START GIVEN INFORMATION

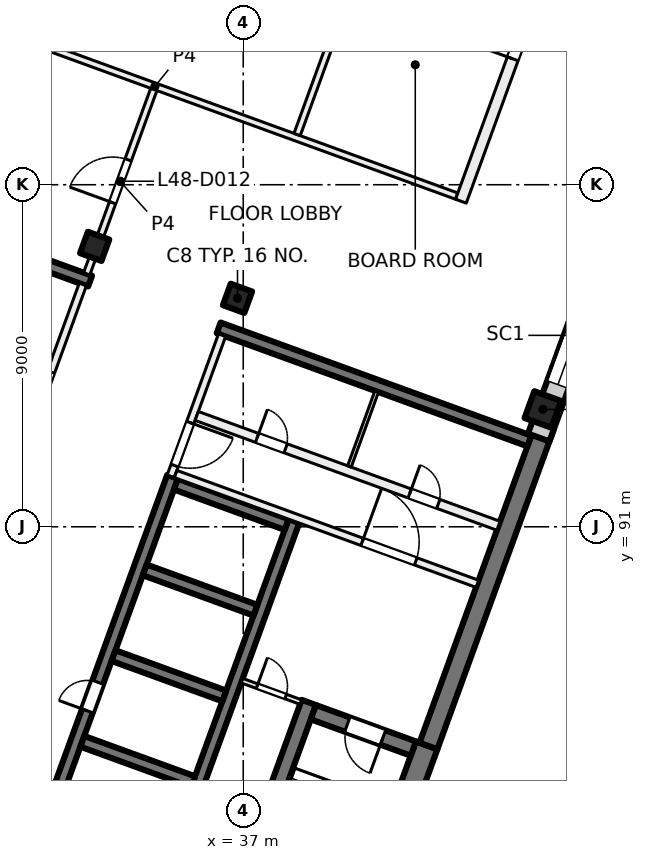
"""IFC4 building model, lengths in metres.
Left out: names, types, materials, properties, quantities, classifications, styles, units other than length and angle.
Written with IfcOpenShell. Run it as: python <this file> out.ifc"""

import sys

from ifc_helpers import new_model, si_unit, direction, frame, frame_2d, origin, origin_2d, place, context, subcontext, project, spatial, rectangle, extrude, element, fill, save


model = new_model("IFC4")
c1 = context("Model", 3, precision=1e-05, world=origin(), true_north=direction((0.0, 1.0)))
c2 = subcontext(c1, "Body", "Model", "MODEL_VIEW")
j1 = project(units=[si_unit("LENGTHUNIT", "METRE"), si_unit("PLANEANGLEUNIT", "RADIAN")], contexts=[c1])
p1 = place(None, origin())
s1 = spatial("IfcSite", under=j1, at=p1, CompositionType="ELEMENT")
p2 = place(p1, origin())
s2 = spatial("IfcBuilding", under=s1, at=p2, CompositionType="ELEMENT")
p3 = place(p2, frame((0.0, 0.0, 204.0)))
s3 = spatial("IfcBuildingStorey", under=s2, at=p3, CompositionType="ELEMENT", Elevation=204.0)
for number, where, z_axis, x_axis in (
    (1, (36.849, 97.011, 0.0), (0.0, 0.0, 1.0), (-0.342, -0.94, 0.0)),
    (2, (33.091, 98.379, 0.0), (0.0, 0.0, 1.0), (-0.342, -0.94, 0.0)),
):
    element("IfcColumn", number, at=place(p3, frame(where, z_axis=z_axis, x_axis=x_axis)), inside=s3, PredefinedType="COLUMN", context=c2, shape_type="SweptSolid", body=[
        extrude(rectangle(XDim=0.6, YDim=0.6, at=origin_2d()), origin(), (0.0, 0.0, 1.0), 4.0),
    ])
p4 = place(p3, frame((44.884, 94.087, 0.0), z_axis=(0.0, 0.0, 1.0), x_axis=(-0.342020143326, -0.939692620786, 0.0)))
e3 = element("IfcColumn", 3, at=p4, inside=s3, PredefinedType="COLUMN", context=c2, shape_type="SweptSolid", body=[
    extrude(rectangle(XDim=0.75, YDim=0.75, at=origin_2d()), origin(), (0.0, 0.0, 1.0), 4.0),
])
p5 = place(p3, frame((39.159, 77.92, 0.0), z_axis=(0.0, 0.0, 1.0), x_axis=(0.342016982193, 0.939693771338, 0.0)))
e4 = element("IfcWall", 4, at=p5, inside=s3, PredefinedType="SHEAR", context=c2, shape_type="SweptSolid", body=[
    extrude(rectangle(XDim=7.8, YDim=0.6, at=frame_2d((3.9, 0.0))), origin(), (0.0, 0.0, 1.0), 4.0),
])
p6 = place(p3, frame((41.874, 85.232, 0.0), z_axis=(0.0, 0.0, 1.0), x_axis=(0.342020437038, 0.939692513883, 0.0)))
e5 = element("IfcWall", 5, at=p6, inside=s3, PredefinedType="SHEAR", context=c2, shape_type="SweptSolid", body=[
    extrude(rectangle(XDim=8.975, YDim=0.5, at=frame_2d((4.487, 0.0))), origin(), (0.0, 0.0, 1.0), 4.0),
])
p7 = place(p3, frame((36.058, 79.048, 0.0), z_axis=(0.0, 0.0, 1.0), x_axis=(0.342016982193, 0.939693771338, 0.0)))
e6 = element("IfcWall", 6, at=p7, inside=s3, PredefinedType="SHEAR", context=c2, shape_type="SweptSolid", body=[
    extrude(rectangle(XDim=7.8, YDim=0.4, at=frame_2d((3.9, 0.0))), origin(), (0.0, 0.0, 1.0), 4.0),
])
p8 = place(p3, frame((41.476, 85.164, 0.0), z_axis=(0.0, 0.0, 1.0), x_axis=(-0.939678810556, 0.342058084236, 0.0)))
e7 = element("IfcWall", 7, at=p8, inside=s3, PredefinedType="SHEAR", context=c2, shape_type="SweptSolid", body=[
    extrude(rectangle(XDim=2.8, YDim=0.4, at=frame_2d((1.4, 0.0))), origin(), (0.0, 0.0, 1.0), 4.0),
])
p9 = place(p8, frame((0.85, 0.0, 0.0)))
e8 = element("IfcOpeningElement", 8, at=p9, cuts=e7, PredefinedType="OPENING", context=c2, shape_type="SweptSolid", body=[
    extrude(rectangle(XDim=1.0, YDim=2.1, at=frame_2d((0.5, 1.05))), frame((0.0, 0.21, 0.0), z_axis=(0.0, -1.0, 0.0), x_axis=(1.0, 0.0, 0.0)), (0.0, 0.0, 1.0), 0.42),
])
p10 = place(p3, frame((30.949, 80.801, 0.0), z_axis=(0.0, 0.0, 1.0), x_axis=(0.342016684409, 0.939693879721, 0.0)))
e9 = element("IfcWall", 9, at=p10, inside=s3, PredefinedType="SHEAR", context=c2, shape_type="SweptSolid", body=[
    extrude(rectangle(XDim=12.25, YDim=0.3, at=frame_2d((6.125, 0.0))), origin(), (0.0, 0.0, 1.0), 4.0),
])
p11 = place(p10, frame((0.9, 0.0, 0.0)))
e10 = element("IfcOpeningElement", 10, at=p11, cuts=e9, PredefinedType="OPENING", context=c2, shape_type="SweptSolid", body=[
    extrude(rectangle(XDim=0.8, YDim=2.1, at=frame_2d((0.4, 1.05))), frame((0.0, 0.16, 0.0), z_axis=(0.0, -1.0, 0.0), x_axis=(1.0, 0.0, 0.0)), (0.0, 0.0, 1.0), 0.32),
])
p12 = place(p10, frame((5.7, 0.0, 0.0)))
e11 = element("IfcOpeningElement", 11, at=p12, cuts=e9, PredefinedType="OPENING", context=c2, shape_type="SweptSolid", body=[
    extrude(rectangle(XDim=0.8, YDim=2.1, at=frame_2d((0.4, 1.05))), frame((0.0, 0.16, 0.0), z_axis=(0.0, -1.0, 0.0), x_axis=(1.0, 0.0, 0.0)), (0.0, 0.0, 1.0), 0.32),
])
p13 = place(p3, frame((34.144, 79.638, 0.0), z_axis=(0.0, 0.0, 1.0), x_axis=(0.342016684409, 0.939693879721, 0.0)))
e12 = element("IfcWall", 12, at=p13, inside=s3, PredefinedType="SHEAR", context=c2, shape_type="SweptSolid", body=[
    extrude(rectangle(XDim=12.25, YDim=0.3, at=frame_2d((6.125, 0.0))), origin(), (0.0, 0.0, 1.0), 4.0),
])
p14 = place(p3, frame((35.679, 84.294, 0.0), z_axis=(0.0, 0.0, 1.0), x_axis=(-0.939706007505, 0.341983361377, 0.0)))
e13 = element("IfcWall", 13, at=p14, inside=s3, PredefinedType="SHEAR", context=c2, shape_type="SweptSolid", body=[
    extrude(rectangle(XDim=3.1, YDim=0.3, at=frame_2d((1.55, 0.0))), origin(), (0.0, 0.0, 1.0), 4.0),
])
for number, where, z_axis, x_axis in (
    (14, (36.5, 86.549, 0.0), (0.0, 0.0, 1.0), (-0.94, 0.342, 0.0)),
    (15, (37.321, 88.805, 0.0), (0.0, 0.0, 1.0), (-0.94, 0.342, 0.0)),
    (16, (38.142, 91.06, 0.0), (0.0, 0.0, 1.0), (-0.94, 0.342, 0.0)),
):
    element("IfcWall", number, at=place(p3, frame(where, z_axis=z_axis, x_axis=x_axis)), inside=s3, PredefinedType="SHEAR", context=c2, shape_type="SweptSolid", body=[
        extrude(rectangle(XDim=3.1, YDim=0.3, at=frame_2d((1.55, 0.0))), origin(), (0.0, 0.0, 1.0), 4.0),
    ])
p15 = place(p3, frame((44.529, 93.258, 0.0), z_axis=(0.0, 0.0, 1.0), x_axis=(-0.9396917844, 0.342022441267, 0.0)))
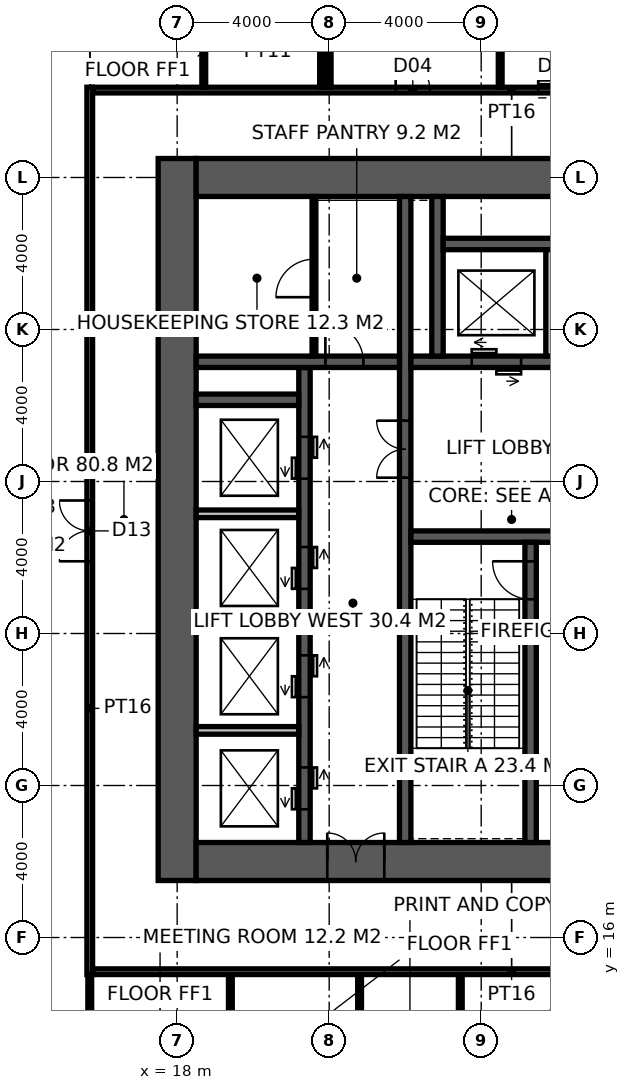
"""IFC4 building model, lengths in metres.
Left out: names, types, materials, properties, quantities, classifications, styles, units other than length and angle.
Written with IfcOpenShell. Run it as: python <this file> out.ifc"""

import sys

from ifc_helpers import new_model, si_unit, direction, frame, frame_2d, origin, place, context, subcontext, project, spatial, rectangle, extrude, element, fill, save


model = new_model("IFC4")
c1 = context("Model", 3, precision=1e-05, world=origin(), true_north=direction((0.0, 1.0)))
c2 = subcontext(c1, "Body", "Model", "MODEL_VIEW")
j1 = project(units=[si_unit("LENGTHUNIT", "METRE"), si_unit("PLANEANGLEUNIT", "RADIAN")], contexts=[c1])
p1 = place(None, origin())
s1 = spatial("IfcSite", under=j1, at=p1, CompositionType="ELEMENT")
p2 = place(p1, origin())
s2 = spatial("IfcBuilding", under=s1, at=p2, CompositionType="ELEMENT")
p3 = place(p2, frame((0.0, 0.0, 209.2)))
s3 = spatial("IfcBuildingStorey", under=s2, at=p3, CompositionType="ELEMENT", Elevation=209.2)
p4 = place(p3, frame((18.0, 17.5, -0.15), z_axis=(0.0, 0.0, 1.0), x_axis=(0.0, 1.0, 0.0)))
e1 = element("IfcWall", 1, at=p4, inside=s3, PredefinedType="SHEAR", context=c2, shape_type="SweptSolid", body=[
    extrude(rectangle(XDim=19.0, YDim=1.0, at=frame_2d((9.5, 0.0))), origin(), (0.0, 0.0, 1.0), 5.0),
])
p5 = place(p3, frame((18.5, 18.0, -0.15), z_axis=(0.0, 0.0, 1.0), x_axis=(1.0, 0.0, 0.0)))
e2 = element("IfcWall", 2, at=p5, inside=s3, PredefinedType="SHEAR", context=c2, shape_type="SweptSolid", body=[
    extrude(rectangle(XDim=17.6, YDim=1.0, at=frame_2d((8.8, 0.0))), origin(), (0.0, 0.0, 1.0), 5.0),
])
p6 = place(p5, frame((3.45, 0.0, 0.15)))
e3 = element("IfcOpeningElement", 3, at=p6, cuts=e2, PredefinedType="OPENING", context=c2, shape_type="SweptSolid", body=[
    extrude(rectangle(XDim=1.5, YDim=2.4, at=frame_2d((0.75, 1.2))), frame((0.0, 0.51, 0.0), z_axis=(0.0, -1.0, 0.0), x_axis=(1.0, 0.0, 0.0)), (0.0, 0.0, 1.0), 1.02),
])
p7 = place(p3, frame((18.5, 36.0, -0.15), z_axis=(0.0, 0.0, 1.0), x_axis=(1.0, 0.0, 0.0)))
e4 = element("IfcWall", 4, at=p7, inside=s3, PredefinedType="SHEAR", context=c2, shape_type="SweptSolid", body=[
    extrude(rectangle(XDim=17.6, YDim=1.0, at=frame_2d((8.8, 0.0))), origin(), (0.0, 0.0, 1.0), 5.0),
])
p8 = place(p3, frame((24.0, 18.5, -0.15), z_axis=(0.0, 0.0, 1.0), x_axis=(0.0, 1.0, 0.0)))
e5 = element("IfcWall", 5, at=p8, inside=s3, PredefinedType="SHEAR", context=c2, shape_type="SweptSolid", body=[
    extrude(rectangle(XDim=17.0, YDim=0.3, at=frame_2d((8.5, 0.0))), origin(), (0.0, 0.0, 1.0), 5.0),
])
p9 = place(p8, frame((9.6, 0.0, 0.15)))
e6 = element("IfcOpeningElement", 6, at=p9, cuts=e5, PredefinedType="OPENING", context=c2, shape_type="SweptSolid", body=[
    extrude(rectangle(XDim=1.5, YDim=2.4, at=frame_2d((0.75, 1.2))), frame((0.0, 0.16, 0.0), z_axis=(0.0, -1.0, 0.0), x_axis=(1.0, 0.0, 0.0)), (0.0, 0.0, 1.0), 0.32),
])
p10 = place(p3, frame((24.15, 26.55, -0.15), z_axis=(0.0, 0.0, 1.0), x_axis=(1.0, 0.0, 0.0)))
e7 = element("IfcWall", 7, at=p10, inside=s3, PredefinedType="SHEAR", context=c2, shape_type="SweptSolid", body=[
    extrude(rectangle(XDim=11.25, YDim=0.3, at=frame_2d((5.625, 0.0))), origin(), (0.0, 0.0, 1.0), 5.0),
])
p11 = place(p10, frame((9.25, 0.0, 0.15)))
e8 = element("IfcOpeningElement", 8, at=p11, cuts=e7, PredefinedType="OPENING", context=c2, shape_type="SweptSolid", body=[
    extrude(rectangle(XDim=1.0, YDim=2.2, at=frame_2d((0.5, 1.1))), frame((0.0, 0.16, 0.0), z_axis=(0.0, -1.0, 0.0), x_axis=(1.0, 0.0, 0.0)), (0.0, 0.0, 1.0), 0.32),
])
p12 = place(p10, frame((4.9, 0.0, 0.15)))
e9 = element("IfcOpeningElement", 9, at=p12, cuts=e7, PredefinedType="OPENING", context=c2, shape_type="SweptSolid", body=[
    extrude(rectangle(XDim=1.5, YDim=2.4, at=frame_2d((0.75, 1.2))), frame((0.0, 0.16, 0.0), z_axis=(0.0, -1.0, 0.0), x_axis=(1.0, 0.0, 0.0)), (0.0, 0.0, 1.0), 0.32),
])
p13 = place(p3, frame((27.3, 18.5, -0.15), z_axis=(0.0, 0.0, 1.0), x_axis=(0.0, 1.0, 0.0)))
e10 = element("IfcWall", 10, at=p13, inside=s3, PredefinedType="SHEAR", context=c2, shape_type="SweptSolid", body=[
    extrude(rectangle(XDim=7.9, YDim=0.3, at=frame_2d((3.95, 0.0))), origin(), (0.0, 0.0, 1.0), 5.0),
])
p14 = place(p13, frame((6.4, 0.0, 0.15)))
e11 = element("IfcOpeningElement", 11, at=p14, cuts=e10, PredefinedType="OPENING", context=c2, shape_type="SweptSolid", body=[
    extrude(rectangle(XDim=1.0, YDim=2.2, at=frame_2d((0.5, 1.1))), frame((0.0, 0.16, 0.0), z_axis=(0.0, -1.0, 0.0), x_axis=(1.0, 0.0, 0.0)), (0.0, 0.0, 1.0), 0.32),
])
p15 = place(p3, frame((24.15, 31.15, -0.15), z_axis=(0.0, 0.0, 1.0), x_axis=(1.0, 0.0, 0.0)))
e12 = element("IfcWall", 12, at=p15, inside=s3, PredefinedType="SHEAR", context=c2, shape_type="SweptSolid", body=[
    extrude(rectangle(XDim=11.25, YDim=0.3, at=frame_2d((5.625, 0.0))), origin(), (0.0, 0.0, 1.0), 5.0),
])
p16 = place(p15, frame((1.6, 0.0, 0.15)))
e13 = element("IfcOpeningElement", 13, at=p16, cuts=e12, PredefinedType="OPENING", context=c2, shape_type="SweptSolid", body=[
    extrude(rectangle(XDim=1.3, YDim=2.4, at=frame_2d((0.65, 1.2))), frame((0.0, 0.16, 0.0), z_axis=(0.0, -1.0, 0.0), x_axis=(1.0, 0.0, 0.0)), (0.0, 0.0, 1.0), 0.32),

END GIVEN INFORMATION

■ **WHAT IS EXPECTED**
Report the total of lines above containing the string "import", and write nothing besides it.

■ **ANSWER BOX**
4